* Task directions *
For the string "PARTITIONING", search the entries below and copy every line where it appears.

* The input *
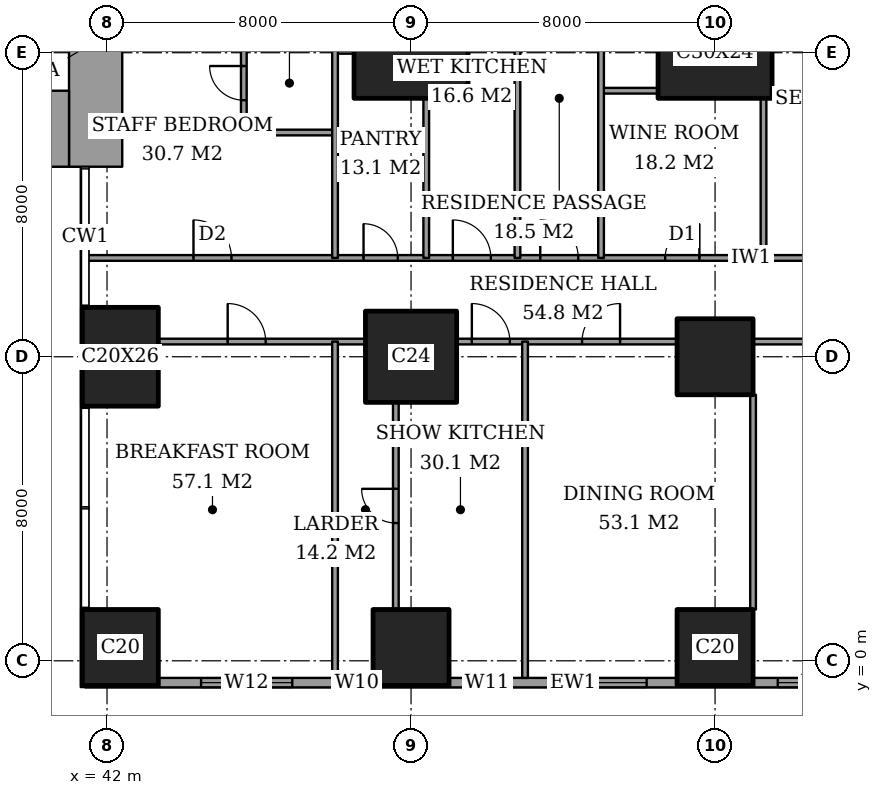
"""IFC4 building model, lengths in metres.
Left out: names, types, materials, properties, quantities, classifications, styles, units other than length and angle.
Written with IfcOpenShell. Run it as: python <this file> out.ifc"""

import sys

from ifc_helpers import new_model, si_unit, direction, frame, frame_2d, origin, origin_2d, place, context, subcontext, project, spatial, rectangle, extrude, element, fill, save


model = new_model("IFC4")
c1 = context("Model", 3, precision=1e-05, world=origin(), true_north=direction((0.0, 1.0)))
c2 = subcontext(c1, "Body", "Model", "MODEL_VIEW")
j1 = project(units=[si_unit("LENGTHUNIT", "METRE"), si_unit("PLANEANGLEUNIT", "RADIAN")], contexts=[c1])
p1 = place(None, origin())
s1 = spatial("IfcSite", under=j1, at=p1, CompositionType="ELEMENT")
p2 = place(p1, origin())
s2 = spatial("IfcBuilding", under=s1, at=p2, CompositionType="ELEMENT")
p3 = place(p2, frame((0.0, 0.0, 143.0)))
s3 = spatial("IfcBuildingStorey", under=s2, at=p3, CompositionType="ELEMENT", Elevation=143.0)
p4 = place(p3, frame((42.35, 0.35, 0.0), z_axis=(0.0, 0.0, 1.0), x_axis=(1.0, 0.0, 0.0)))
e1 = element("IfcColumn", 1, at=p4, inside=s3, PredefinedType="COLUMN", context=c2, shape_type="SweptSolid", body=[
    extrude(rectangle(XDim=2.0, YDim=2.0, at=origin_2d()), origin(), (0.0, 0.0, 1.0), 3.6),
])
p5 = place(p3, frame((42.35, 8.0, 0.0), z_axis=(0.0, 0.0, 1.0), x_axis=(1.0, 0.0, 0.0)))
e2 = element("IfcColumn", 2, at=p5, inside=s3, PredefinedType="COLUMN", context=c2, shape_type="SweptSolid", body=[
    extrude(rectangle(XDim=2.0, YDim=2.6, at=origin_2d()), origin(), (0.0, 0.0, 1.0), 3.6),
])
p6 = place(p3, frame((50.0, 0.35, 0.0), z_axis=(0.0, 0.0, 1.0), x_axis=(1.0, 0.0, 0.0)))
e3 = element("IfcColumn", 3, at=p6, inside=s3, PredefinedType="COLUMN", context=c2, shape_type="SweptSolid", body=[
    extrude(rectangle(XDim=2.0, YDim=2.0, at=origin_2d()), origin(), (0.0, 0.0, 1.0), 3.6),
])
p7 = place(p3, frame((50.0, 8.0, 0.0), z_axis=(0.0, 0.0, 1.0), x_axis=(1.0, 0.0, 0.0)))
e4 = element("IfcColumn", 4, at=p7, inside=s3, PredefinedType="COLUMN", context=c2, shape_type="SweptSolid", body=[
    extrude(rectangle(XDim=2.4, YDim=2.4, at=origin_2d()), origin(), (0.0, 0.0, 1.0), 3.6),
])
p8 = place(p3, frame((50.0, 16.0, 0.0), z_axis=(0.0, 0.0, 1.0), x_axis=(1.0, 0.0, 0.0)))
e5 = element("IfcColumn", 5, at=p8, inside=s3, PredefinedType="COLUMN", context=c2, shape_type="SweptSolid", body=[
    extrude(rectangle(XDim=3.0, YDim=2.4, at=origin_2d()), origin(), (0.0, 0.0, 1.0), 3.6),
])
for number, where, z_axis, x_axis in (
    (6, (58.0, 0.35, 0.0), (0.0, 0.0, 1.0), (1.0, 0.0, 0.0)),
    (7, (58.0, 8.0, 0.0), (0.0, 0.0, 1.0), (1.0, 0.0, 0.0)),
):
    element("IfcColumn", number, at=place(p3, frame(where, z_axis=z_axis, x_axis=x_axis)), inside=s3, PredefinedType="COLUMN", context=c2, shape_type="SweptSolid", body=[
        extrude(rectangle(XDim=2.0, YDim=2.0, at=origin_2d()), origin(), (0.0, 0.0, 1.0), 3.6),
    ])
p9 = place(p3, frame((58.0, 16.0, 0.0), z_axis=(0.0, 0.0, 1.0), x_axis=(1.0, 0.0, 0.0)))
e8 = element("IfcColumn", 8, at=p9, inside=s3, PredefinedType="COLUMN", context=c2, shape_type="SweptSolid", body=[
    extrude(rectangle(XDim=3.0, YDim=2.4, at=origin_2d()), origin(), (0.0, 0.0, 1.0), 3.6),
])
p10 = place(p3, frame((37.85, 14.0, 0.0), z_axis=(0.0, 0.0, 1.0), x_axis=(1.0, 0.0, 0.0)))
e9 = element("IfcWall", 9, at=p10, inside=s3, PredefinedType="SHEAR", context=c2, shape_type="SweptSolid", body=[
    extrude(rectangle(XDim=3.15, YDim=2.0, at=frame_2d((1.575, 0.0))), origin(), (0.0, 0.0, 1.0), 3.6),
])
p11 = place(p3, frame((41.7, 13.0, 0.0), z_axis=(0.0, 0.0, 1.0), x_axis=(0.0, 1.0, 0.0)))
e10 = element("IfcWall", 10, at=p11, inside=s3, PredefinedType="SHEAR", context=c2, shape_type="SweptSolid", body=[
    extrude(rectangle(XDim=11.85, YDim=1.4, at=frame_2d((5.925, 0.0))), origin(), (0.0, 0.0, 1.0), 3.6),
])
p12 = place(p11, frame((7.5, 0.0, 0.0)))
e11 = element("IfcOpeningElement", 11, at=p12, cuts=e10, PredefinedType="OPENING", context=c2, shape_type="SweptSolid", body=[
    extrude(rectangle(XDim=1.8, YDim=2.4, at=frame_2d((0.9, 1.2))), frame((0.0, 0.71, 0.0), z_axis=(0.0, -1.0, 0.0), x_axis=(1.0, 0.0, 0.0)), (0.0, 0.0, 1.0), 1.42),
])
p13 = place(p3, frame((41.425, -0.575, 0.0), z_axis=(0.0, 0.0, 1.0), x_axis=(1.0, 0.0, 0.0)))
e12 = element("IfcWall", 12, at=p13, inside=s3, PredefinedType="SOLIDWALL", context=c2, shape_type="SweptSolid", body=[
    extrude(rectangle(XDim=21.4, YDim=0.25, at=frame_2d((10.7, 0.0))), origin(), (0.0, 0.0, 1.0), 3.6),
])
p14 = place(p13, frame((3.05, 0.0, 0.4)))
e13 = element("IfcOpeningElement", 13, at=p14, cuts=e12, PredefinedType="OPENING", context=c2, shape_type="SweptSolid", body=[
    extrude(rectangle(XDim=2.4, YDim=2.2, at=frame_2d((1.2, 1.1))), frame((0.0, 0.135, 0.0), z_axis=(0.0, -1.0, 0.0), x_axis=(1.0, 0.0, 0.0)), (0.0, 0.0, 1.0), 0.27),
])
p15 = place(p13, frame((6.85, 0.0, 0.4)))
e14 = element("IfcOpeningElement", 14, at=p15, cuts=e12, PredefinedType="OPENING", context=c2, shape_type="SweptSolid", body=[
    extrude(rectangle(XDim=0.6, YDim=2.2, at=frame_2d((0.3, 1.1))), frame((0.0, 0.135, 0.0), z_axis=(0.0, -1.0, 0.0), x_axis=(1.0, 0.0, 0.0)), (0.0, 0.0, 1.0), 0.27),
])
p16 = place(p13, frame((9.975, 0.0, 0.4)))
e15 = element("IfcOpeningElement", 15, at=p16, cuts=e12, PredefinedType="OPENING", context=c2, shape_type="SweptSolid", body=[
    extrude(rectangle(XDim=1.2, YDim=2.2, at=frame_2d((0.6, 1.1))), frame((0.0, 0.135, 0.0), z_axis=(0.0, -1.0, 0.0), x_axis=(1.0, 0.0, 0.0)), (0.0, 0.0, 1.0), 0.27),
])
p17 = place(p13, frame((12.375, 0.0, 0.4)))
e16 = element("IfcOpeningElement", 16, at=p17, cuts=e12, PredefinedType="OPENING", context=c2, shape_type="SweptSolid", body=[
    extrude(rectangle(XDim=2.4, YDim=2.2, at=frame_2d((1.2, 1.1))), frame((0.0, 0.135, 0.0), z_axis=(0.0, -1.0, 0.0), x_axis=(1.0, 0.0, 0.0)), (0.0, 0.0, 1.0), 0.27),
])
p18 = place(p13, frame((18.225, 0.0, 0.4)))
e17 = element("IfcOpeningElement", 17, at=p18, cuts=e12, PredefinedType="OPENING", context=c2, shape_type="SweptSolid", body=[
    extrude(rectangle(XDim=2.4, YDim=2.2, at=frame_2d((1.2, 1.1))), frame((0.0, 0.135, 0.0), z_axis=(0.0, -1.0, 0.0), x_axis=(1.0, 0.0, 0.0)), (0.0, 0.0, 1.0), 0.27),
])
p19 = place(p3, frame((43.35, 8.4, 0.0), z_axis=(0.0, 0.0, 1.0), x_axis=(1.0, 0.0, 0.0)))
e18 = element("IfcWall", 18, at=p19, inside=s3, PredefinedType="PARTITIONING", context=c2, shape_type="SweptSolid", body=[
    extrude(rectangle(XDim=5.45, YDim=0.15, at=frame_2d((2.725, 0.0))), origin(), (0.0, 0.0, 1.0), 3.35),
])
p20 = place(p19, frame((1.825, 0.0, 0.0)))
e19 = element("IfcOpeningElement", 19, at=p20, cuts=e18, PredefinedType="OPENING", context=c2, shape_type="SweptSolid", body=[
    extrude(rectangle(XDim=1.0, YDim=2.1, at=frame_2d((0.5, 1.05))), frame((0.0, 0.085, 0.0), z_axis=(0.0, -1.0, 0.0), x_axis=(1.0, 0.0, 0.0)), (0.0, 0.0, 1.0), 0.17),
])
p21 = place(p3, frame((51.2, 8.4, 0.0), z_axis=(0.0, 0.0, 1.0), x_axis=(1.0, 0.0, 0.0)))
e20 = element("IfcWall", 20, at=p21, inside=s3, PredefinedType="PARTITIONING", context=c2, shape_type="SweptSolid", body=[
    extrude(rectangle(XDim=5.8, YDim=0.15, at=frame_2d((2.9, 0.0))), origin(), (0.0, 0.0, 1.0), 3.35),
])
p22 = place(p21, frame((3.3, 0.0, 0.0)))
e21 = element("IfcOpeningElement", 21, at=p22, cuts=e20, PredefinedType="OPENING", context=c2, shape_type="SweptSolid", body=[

* Your response *
e18 = element("IfcWall", 18, at=p19, inside=s3, PredefinedType="PARTITIONING", context=c2, shape_type="SweptSolid", body=[
e20 = element("IfcWall", 20, at=p21, inside=s3, PredefinedType="PARTITIONING", context=c2, shape_type="SweptSolid", body=[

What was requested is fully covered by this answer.